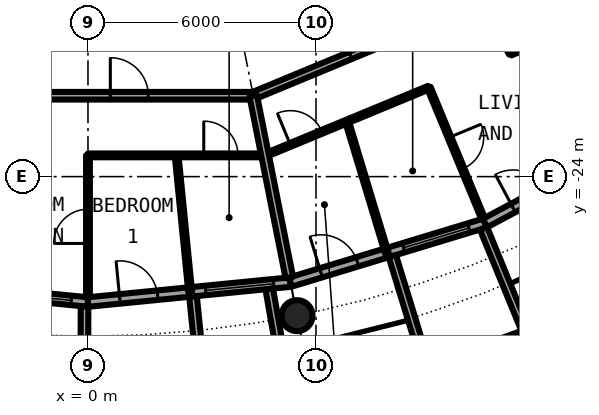
"""IFC4 building model, lengths in metres.
Left out: names, types, materials, properties, quantities, classifications, styles, units other than length and angle.
Written with IfcOpenShell. Run it as: python <this file> out.ifc"""

import sys

from ifc_helpers import new_model, si_unit, direction, frame, frame_2d, origin, origin_2d, place, context, subcontext, project, spatial, rectangle, circle, hollow_circle, extrude, element, fill, save


model = new_model("IFC4")
c1 = context("Model", 3, precision=1e-05, world=origin(), true_north=direction((0.0, 1.0)))
c2 = subcontext(c1, "Body", "Model", "MODEL_VIEW")
j1 = project(units=[si_unit("LENGTHUNIT", "METRE"), si_unit("PLANEANGLEUNIT", "RADIAN")], contexts=[c1])
p1 = place(None, origin())
s1 = spatial("IfcSite", under=j1, at=p1, CompositionType="ELEMENT")
p2 = place(p1, origin())
s2 = spatial("IfcBuilding", under=s1, at=p2, CompositionType="ELEMENT")
p3 = place(p2, frame((0.0, 0.0, 170.75)))
s3 = spatial("IfcBuildingStorey", under=s2, at=p3, CompositionType="ELEMENT", Elevation=170.75)
p4 = place(p3, frame((5.501, -27.658, 0.0), z_axis=(0.0, 0.0, 1.0), x_axis=(1.0, 0.0, 0.0)))
e1 = element("IfcColumn", 1, at=p4, inside=s3, PredefinedType="COLUMN", context=c2, shape_type="SweptSolid", body=[
    extrude(hollow_circle(Radius=0.406, WallThickness=0.04, at=origin_2d()), origin(), (0.0, 0.0, 1.0), 3.05),
])
p5 = place(p3, frame((-5.326, -26.775, 0.0), z_axis=(0.0, 0.0, 1.0), x_axis=(0.995173996315, -0.098126026407, 0.0)))
e2 = element("IfcWall", 2, at=p5, inside=s3, PredefinedType="SOLIDWALL", context=c2, shape_type="SweptSolid", body=[
    extrude(rectangle(XDim=5.352, YDim=0.25, at=frame_2d((2.676, 0.0))), origin(), (0.0, 0.0, 1.0), 2.7),
])
p6 = place(p5, frame((0.841, 0.0, 0.0)))
e3 = element("IfcOpeningElement", 3, at=p6, cuts=e2, PredefinedType="OPENING", context=c2, shape_type="SweptSolid", body=[
    extrude(rectangle(XDim=1.0, YDim=2.2, at=frame_2d((0.5, 1.1))), frame((0.0, 0.135, 0.0), z_axis=(0.0, -1.0, 0.0), x_axis=(1.0, 0.0, 0.0)), (0.0, 0.0, 1.0), 0.27),
])
p7 = place(p5, frame((3.111, 0.0, 0.3)))
e4 = element("IfcOpeningElement", 4, at=p7, cuts=e2, PredefinedType="OPENING", context=c2, shape_type="SweptSolid", body=[
    extrude(rectangle(XDim=1.8, YDim=2.1, at=frame_2d((0.9, 1.05))), frame((0.0, 0.135, 0.0), z_axis=(0.0, -1.0, 0.0), x_axis=(1.0, 0.0, 0.0)), (0.0, 0.0, 1.0), 0.27),
])
p8 = place(p3, frame((-0.09, -27.417, -0.03), z_axis=(0.0, 0.0, 1.0), x_axis=(-0.00347308367, -0.999993968827, 0.0)))
e5 = element("IfcWall", 5, at=p8, inside=s3, PredefinedType="SOLIDWALL", context=c2, shape_type="SweptSolid", body=[
    extrude(rectangle(XDim=2.882, YDim=0.2, at=frame_2d((1.441, 0.0))), origin(), (0.0, 0.0, 1.0), 2.73),
])
p9 = place(p3, frame((0.0, -27.3, 0.0), z_axis=(0.0, 0.0, 1.0), x_axis=(0.995173996315, 0.098126026407, 0.0)))
e6 = element("IfcWall", 6, at=p9, inside=s3, PredefinedType="SOLIDWALL", context=c2, shape_type="SweptSolid", body=[
    extrude(rectangle(XDim=5.352, YDim=0.25, at=frame_2d((2.676, 0.0))), origin(), (0.0, 0.0, 1.0), 2.7),
])
p10 = place(p9, frame((0.841, 0.0, 0.0)))
e7 = element("IfcOpeningElement", 7, at=p10, cuts=e6, PredefinedType="OPENING", context=c2, shape_type="SweptSolid", body=[
    extrude(rectangle(XDim=1.0, YDim=2.2, at=frame_2d((0.5, 1.1))), frame((0.0, 0.135, 0.0), z_axis=(0.0, -1.0, 0.0), x_axis=(1.0, 0.0, 0.0)), (0.0, 0.0, 1.0), 0.27),
])
p11 = place(p9, frame((3.111, 0.0, 0.3)))
e8 = element("IfcOpeningElement", 8, at=p11, cuts=e6, PredefinedType="OPENING", context=c2, shape_type="SweptSolid", body=[
    extrude(rectangle(XDim=1.8, YDim=2.1, at=frame_2d((0.9, 1.05))), frame((0.0, 0.135, 0.0), z_axis=(0.0, -1.0, 0.0), x_axis=(1.0, 0.0, 0.0)), (0.0, 0.0, 1.0), 0.27),
])
p12 = place(p3, frame((2.764, -27.153, -0.03), z_axis=(0.0, 0.0, 1.0), x_axis=(0.101505487237, -0.994834979311, 0.0)))
e9 = element("IfcWall", 9, at=p12, inside=s3, PredefinedType="SOLIDWALL", context=c2, shape_type="SweptSolid", body=[
    extrude(rectangle(XDim=3.007, YDim=0.2, at=frame_2d((1.503, 0.0))), origin(), (0.0, 0.0, 1.0), 2.73),
])
p13 = place(p3, frame((4.769, -26.956, -0.03), z_axis=(0.0, 0.0, 1.0), x_axis=(0.174056778901, -0.984735618183, 0.0)))
e10 = element("IfcWall", 10, at=p13, inside=s3, PredefinedType="SOLIDWALL", context=c2, shape_type="SweptSolid", body=[
    extrude(rectangle(XDim=2.925, YDim=0.2, at=frame_2d((1.462, 0.0))), origin(), (0.0, 0.0, 1.0), 2.73),
])
p14 = place(p3, frame((5.326, -26.775, 0.0), z_axis=(0.0, 0.0, 1.0), x_axis=(0.956965678721, 0.290201119486, 0.0)))
e11 = element("IfcWall", 11, at=p14, inside=s3, PredefinedType="SOLIDWALL", context=c2, shape_type="SweptSolid", body=[
    extrude(rectangle(XDim=5.351, YDim=0.25, at=frame_2d((2.676, 0.0))), origin(), (0.0, 0.0, 1.0), 2.7),
])
p15 = place(p14, frame((0.841, 0.0, 0.0)))
e12 = element("IfcOpeningElement", 12, at=p15, cuts=e11, PredefinedType="OPENING", context=c2, shape_type="SweptSolid", body=[
    extrude(rectangle(XDim=1.0, YDim=2.2, at=frame_2d((0.5, 1.1))), frame((0.0, 0.135, 0.0), z_axis=(0.0, -1.0, 0.0), x_axis=(1.0, 0.0, 0.0)), (0.0, 0.0, 1.0), 0.27),
])
p16 = place(p14, frame((3.111, 0.0, 0.3)))
e13 = element("IfcOpeningElement", 13, at=p16, cuts=e11, PredefinedType="OPENING", context=c2, shape_type="SweptSolid", body=[
    extrude(rectangle(XDim=1.8, YDim=2.1, at=frame_2d((0.9, 1.05))), frame((0.0, 0.135, 0.0), z_axis=(0.0, -1.0, 0.0), x_axis=(1.0, 0.0, 0.0)), (0.0, 0.0, 1.0), 0.27),
])
p17 = place(p3, frame((8.82, -29.093, -0.03), z_axis=(0.0, 0.0, 1.0), x_axis=(0.941461077774, 0.337121697664, 0.0)))
e14 = element("IfcWall", 14, at=p17, inside=s3, PredefinedType="SOLIDWALL", context=c2, shape_type="SweptSolid", body=[
    extrude(rectangle(XDim=2.993, YDim=0.2, at=frame_2d((1.497, 0.0))), origin(), (0.0, 0.0, 1.0), 2.73),
])
p18 = place(p17, frame((0.457, 0.0, 0.33)))
e15 = element("IfcOpeningElement", 15, at=p18, cuts=e14, PredefinedType="OPENING", context=c2, shape_type="SweptSolid", body=[
    extrude(circle(Radius=1.04, at=frame_2d((1.04, 1.04))), frame((0.0, 0.11, 0.0), z_axis=(0.0, -1.0, 0.0), x_axis=(1.0, 0.0, 0.0)), (0.0, 0.0, 1.0), 0.22),
])
p19 = place(p3, frame((8.009, -26.092, -0.03), z_axis=(0.0, 0.0, 1.0), x_axis=(0.293406695073, -0.955987715029, 0.0)))
e16 = element("IfcWall", 16, at=p19, inside=s3, PredefinedType="SOLIDWALL", context=c2, shape_type="SweptSolid", body=[
    extrude(rectangle(XDim=3.006, YDim=0.2, at=frame_2d((1.503, 0.0))), origin(), (0.0, 0.0, 1.0), 2.73),
])
p20 = place(p3, frame((10.409, -25.364, -0.03), z_axis=(0.0, 0.0, 1.0), x_axis=(0.379509886562, -0.925187681501, 0.0)))
e17 = element("IfcWall", 17, at=p20, inside=s3, PredefinedType="SOLIDWALL", context=c2, shape_type="SweptSolid", body=[
    extrude(rectangle(XDim=2.883, YDim=0.2, at=frame_2d((1.441, 0.0))), origin(), (0.0, 0.0, 1.0), 2.73),
])
p21 = place(p3, frame((10.447, -25.222, 0.0), z_axis=(0.0, 0.0, 1.0), x_axis=(0.881915646801, 0.471407246368, 0.0)))
e18 = element("IfcWall", 18, at=p21, inside=s3, PredefinedType="SOLIDWALL", context=c2, shape_type="SweptSolid", body=[
    extrude(rectangle(XDim=5.352, YDim=0.25, at=frame_2d((2.676, 0.0))), origin(), (0.0, 0.0, 1.0), 2.7),
])
p22 = place(p21, frame((0.841, 0.0, 0.0)))
e19 = element("IfcOpeningElement", 19, at=p22, cuts=e18, PredefinedType="OPENING", context=c2, shape_type="SweptSolid", body=[
    extrude(rectangle(XDim=1.0, YDim=2.2, at=frame_2d((0.5, 1.1))), frame((0.0, 0.135, 0.0), z_axis=(0.0, -1.0, 0.0), x_axis=(1.0, 0.0, 0.0)), (0.0, 0.0, 1.0), 0.27),
])
p23 = place(p21, frame((3.111, 0.0, 0.3)))
e20 = element("IfcOpeningElement", 20, at=p23, cuts=e18, PredefinedType="OPENING", context=c2, shape_type="SweptSolid", body=[
    extrude(rectangle(XDim=1.8, YDim=2.1, at=frame_2d((0.9, 1.05))), frame((0.0, 0.135, 0.0), z_axis=(0.0, -1.0, 0.0), x_axis=(1.0, 0.0, 0.0)), (0.0, 0.0, 1.0), 0.27),
])
p24 = place(p3, frame((0.0, -23.441, 0.0), z_axis=(0.0, 0.0, 1.0), x_axis=(1.0, 0.0, 0.0)))
e21 = element("IfcWall", 21, at=p24, inside=s3, PredefinedType="PARTITIONING", context=c2, shape_type="SweptSolid", body=[
    extrude(rectangle(XDim=4.663, YDim=0.1, at=frame_2d((2.332, 0.0))), origin(), (0.0, 0.0, 1.0), 2.7),
])
p25 = place(p24, frame((3.047, 0.0, 0.0)))
e22 = element("IfcOpeningElement", 22, at=p25, cuts=e21, PredefinedType="OPENING", context=c2, shape_type="SweptSolid", body=[
    extrude(rectangle(XDim=0.9, YDim=2.3, at=frame_2d((0.45, 1.15))), frame((0.0, 0.06, 0.0), z_axis=(0.0, -1.0, 0.0), x_axis=(1.0, 0.0, 0.0)), (0.0, 0.0, 1.0), 0.12),
])
p26 = place(p3, frame((4.656, -23.442, 0.0), z_axis=(0.0, 0.0, 1.0), x_axis=(0.923994503548, 0.382405749712, 0.0)))
e23 = element("IfcWall", 23, at=p26, inside=s3, PredefinedType="PARTITIONING", context=c2, shape_type="SweptSolid", body=[
    extrude(rectangle(XDim=4.663, YDim=0.1, at=frame_2d((2.331, 0.0))), origin(), (0.0, 0.0, 1.0), 2.7),
])
p27 = place(p26, frame((0.726, 0.0, 0.0)))
e24 = element("IfcOpeningElement", 24, at=p27, cuts=e23, PredefinedType="OPENING", context=c2, shape_type="SweptSolid", body=[
    extrude(rectangle(XDim=0.9, YDim=2.3, at=frame_2d((0.45, 1.15))), frame((0.0, 0.06, 0.0), z_axis=(0.0, -1.0, 0.0), x_axis=(1.0, 0.0, 0.0)), (0.0, 0.0, 1.0), 0.12),
])
p28 = place(p3, frame((11.124, -20.764, 0.0), z_axis=(0.0, 0.0, 1.0), x_axis=(0.923938991376, 0.382539854414, 0.0)))
e25 = element("IfcWall", 25, at=p28, inside=s3, PredefinedType="PARTITIONING", context=c2, shape_type="SweptSolid", body=[
    extrude(rectangle(XDim=2.331, YDim=0.1, at=frame_2d((1.166, 0.0))), origin(), (0.0, 0.0, 1.0), 2.7),
])
p29 = place(p28, frame((0.716, 0.0, 0.0)))
e26 = element("IfcOpeningElement", 26, at=p29, cuts=e25, PredefinedType="OPENING", context=c2, shape_type="SweptSolid", body=[
    extrude(rectangle(XDim=0.9, YDim=2.3, at=frame_2d((0.45, 1.15))), frame((0.0, 0.06, 0.0), z_axis=(0.0, -1.0, 0.0), x_axis=(1.0, 0.0, 0.0)), (0.0, 0.0, 1.0), 0.12),
])
p30 = place(p3, frame((-4.351, -21.872, 0.0), z_axis=(0.0, 0.0, 1.0), x_axis=(1.0, 0.0, 0.0)))
e27 = element("IfcWall", 27, at=p30, inside=s3, PredefinedType="PARTITIONING", context=c2, shape_type="SweptSolid", body=[
    extrude(rectangle(XDim=8.702, YDim=0.2, at=frame_2d((4.351, 0.0))), origin(), (0.0, 0.0, 1.0), 2.7),
])
p31 = place(p30, frame((4.939, 0.0, 0.0)))
e28 = element("IfcOpeningElement", 28, at=p31, cuts=e27, PredefinedType="OPENING", context=c2, shape_type="SweptSolid", body=[
    extrude(rectangle(XDim=1.0, YDim=2.3, at=frame_2d((0.5, 1.15))), frame((0.0, 0.11, 0.0), z_axis=(0.0, -1.0, 0.0), x_axis=(1.0, 0.0, 0.0)), (0.0, 0.0, 1.0), 0.22),
])
p32 = place(p3, frame((4.351, -21.872, 0.0), z_axis=(0.0, 0.0, 1.0), x_axis=(0.923825356298, 0.382814199136, 0.0)))
e29 = element("IfcWall", 29, at=p32, inside=s3, PredefinedType="PARTITIONING", context=c2, shape_type="SweptSolid", body=[
    extrude(rectangle(XDim=8.704, YDim=0.2, at=frame_2d((4.352, 0.0))), origin(), (0.0, 0.0, 1.0), 2.7),
])
p33 = place(p32, frame((2.763, 0.0, 0.0)))
e30 = element("IfcOpeningElement", 30, at=p33, cuts=e29, PredefinedType="OPENING", context=c2, shape_type="SweptSolid", body=[
    extrude(rectangle(XDim=1.0, YDim=2.3, at=frame_2d((0.5, 1.15))), frame((0.0, 0.11, 0.0), z_axis=(0.0, -1.0, 0.0), x_axis=(1.0, 0.0, 0.0)), (0.0, 0.0, 1.0), 0.22),
])
p34 = place(p3, frame((0.0, -27.175, 0.0), z_axis=(0.0, 0.0, 1.0), x_axis=(0.0, 1.0, 0.0)))
e31 = element("IfcWall", 31, at=p34, inside=s3, PredefinedType="PARTITIONING", context=c2, shape_type="SweptSolid", body=[
    extrude(rectangle(XDim=3.734, YDim=0.1, at=frame_2d((1.867, 0.0))), origin(), (0.0, 0.0, 1.0), 2.7),
])
p35 = place(p34, frame((1.417, 0.0, 0.0)))
e32 = element("IfcOpeningElement", 32, at=p35, cuts=e31, PredefinedType="OPENING", context=c2, shape_type="SweptSolid", body=[
    extrude(rectangle(XDim=0.9, YDim=2.3, at=frame_2d((0.45, 1.15))), frame((0.0, 0.06, 0.0), z_axis=(0.0, -1.0, 0.0), x_axis=(1.0, 0.0, 0.0)), (0.0, 0.0, 1.0), 0.12),
])
p36 = place(p3, frame((2.332, -23.441, 0.0), z_axis=(0.0, 0.0, 1.0), x_axis=(0.099169741095, -0.995070531395, 0.0)))
e33 = element("IfcWall", 33, at=p36, inside=s3, PredefinedType="PARTITIONING", context=c2, shape_type="SweptSolid", body=[
    extrude(rectangle(XDim=3.619, YDim=0.1, at=frame_2d((1.81, 0.0))), origin(), (0.0, 0.0, 1.0), 2.7),
])
p37 = place(p3, frame((4.348, -21.873, 0.0), z_axis=(0.0, 0.0, 1.0), x_axis=(0.194931286287, -0.980816901173, 0.0)))
e34 = element("IfcWall", 34, at=p37, inside=s3, PredefinedType="PARTITIONING", context=c2, shape_type="SweptSolid", body=[
    extrude(rectangle(XDim=4.875, YDim=0.2, at=frame_2d((2.437, 0.0))), origin(), (0.0, 0.0, 1.0), 2.7),
])
p38 = place(p3, frame((6.817, -22.549, 0.0), z_axis=(0.0, 0.0, 1.0), x_axis=(0.289439829793, -0.957196210256, 0.0)))
e35 = element("IfcWall", 35, at=p38, inside=s3, PredefinedType="PARTITIONING", context=c2, shape_type="SweptSolid", body=[
    extrude(rectangle(XDim=3.618, YDim=0.1, at=frame_2d((1.809, 0.0))), origin(), (0.0, 0.0, 1.0), 2.7),
])
p39 = place(p3, frame((8.97, -21.656, 0.0), z_axis=(0.0, 0.0, 1.0), x_axis=(0.382669377748, -0.923885353999, 0.0)))
e36 = element("IfcWall", 36, at=p39, inside=s3, PredefinedType="PARTITIONING", context=c2, shape_type="SweptSolid", body=[
    extrude(rectangle(XDim=3.734, YDim=0.1, at=frame_2d((1.867, 0.0))), origin(), (0.0, 0.0, 1.0), 2.7),
])
p40 = place(p39, frame((1.417, 0.0, 0.0)))
e37 = element("IfcOpeningElement", 37, at=p40, cuts=e36, PredefinedType="OPENING", context=c2, shape_type="SweptSolid", body=[
    extrude(rectangle(XDim=0.9, YDim=2.3, at=frame_2d((0.45, 1.15))), frame((0.0, 0.06, 0.0), z_axis=(0.0, -1.0, 0.0), x_axis=(1.0, 0.0, 0.0)), (0.0, 0.0, 1.0), 0.12),
])
p41 = place(p3, frame((10.38, -19.374, 0.0), z_axis=(0.0, 0.0, 1.0), x_axis=(0.472002235476, -0.881597351236, 0.0)))
e38 = element("IfcWall", 38, at=p41, inside=s3, PredefinedType="PARTITIONING", context=c2, shape_type="SweptSolid", body=[
    extrude(rectangle(XDim=1.577, YDim=0.1, at=frame_2d((0.788, 0.0))), origin(), (0.0, 0.0, 1.0), 2.7),
])
p42 = place(p7, origin())
e39 = element("IfcWindow", 39, at=p42, inside=s3, PartitioningType="SINGLE_PANEL", PredefinedType="WINDOW", context=c2, shape_type="SweptSolid", body=[
    extrude(rectangle(XDim=1.8, YDim=2.1, at=frame_2d((0.9, 1.05))), frame((0.0, 0.03, 0.0), z_axis=(0.0, -1.0, 0.0), x_axis=(1.0, 0.0, 0.0)), (0.0, 0.0, 1.0), 0.06),
])
fill(e4, e39)
p43 = place(p10, origin())
e40 = element("IfcDoor", 40, at=p43, inside=s3, OperationType="SINGLE_SWING_LEFT", PredefinedType="DOOR", context=c2, shape_type="SweptSolid", body=[
    extrude(rectangle(XDim=1.0, YDim=2.2, at=frame_2d((0.5, 1.1))), frame((0.0, 0.025, 0.0), z_axis=(0.0, -1.0, 0.0), x_axis=(1.0, 0.0, 0.0)), (0.0, 0.0, 1.0), 0.05),
])
fill(e7, e40)
p44 = place(p11, origin())
e41 = element("IfcWindow", 41, at=p44, inside=s3, PartitioningType="SINGLE_PANEL", PredefinedType="WINDOW", context=c2, shape_type="SweptSolid", body=[
    extrude(rectangle(XDim=1.8, YDim=2.1, at=frame_2d((0.9, 1.05))), frame((0.0, 0.03, 0.0), z_axis=(0.0, -1.0, 0.0), x_axis=(1.0, 0.0, 0.0)), (0.0, 0.0, 1.0), 0.06),
])
fill(e8, e41)
p45 = place(p15, origin())
e42 = element("IfcDoor", 42, at=p45, inside=s3, OperationType="SINGLE_SWING_LEFT", PredefinedType="DOOR", context=c2, shape_type="SweptSolid", body=[
    extrude(rectangle(XDim=1.0, YDim=2.2, at=frame_2d((0.5, 1.1))), frame((0.0, 0.025, 0.0), z_axis=(0.0, -1.0, 0.0), x_axis=(1.0, 0.0, 0.0)), (0.0, 0.0, 1.0), 0.05),
])
fill(e12, e42)
p46 = place(p16, origin())
e43 = element("IfcWindow", 43, at=p46, inside=s3, PartitioningType="SINGLE_PANEL", PredefinedType="WINDOW", context=c2, shape_type="SweptSolid", body=[
    extrude(rectangle(XDim=1.8, YDim=2.1, at=frame_2d((0.9, 1.05))), frame((0.0, 0.03, 0.0), z_axis=(0.0, -1.0, 0.0), x_axis=(1.0, 0.0, 0.0)), (0.0, 0.0, 1.0), 0.06),
])
fill(e13, e43)
p47 = place(p22, origin())
e44 = element("IfcDoor", 44, at=p47, inside=s3, OperationType="SINGLE_SWING_LEFT", PredefinedType="DOOR", context=c2, shape_type="SweptSolid", body=[
    extrude(rectangle(XDim=1.0, YDim=2.2, at=frame_2d((0.5, 1.1))), frame((0.0, 0.025, 0.0), z_axis=(0.0, -1.0, 0.0), x_axis=(1.0, 0.0, 0.0)), (0.0, 0.0, 1.0), 0.05),
])
fill(e19, e44)
p48 = place(p31, origin())
e45 = element("IfcDoor", 45, at=p48, inside=s3, OperationType="SINGLE_SWING_RIGHT", PredefinedType="DOOR", context=c2, shape_type="SweptSolid", body=[
    extrude(rectangle(XDim=1.0, YDim=2.3, at=frame_2d((0.5, 1.15))), frame((0.0, 0.025, 0.0), z_axis=(0.0, -1.0, 0.0), x_axis=(1.0, 0.0, 0.0)), (0.0, 0.0, 1.0), 0.05),
])
fill(e28, e45)
p49 = place(p35, origin())
e46 = element("IfcDoor", 46, at=p49, inside=s3, OperationType="SINGLE_SWING_RIGHT", PredefinedType="DOOR", context=c2, shape_type="SweptSolid", body=[
    extrude(rectangle(XDim=0.9, YDim=2.3, at=frame_2d((0.45, 1.15))), frame((0.0, 0.025, 0.0), z_axis=(0.0, -1.0, 0.0), x_axis=(1.0, 0.0, 0.0)), (0.0, 0.0, 1.0), 0.05),
])
fill(e32, e46)
p50 = place(p25, origin())
e47 = element("IfcDoor", 47, at=p50, inside=s3, OperationType="SINGLE_SWING_RIGHT", PredefinedType="DOOR", context=c2, shape_type="SweptSolid", body=[
    extrude(rectangle(XDim=0.9, YDim=2.3, at=frame_2d((0.45, 1.15))), frame((0.0, 0.025, 0.0), z_axis=(0.0, -1.0, 0.0), x_axis=(1.0, 0.0, 0.0)), (0.0, 0.0, 1.0), 0.05),
])
fill(e22, e47)
p51 = place(p33, origin())
e48 = element("IfcDoor", 48, at=p51, inside=s3, OperationType="SINGLE_SWING_LEFT", PredefinedType="DOOR", context=c2, shape_type="SweptSolid", body=[
    extrude(rectangle(XDim=1.0, YDim=2.3, at=frame_2d((0.5, 1.15))), frame((0.0, 0.025, 0.0), z_axis=(0.0, -1.0, 0.0), x_axis=(1.0, 0.0, 0.0)), (0.0, 0.0, 1.0), 0.05),
])
fill(e30, e48)
p52 = place(p40, origin())
e49 = element("IfcDoor", 49, at=p52, inside=s3, OperationType="SINGLE_SWING_RIGHT", PredefinedType="DOOR", context=c2, shape_type="SweptSolid", body=[
    extrude(rectangle(XDim=0.9, YDim=2.3, at=frame_2d((0.45, 1.15))), frame((0.0, 0.025, 0.0), z_axis=(0.0, -1.0, 0.0), x_axis=(1.0, 0.0, 0.0)), (0.0, 0.0, 1.0), 0.05),
])
fill(e37, e49)
p53 = place(p27, origin())
e50 = element("IfcDoor", 50, at=p53, inside=s3, OperationType="SINGLE_SWING_LEFT", PredefinedType="DOOR", context=c2, shape_type="SweptSolid", body=[
    extrude(rectangle(XDim=0.9, YDim=2.3, at=frame_2d((0.45, 1.15))), frame((0.0, 0.025, 0.0), z_axis=(0.0, -1.0, 0.0), x_axis=(1.0, 0.0, 0.0)), (0.0, 0.0, 1.0), 0.05),
])
fill(e24, e50)
save(model, sys.argv[1])
________________________________________
### Work order
Using the material above, transcribe exactly the lines from the line with "p16 = place(p14, frame((3.111, 0.0, 0.3)))" to the line with "x_axis=(0.293406695073, -0.955987715029, 0.0)))"; both count, and nothing else goes in.

### Solved exercise
p16 = place(p14, frame((3.111, 0.0, 0.3)))
e13 = element("IfcOpeningElement", 13, at=p16, cuts=e11, PredefinedType="OPENING", context=c2, shape_type="SweptSolid", body=[
    extrude(rectangle(XDim=1.8, YDim=2.1, at=frame_2d((0.9, 1.05))), frame((0.0, 0.135, 0.0), z_axis=(0.0, -1.0, 0.0), x_axis=(1.0, 0.0, 0.0)), (0.0, 0.0, 1.0), 0.27),
])
p17 = place(p3, frame((8.82, -29.093, -0.03), z_axis=(0.0, 0.0, 1.0), x_axis=(0.941461077774, 0.337121697664, 0.0)))
e14 = element("IfcWall", 14, at=p17, inside=s3, PredefinedType="SOLIDWALL", context=c2, shape_type="SweptSolid", body=[
    extrude(rectangle(XDim=2.993, YDim=0.2, at=frame_2d((1.497, 0.0))), origin(), (0.0, 0.0, 1.0), 2.73),
])
p18 = place(p17, frame((0.457, 0.0, 0.33)))
e15 = element("IfcOpeningElement", 15, at=p18, cuts=e14, PredefinedType="OPENING", context=c2, shape_type="SweptSolid", body=[
    extrude(circle(Radius=1.04, at=frame_2d((1.04, 1.04))), frame((0.0, 0.11, 0.0), z_axis=(0.0, -1.0, 0.0), x_axis=(1.0, 0.0, 0.0)), (0.0, 0.0, 1.0), 0.22),
])
p19 = place(p3, frame((8.009, -26.092, -0.03), z_axis=(0.0, 0.0, 1.0), x_axis=(0.293406695073, -0.955987715029, 0.0)))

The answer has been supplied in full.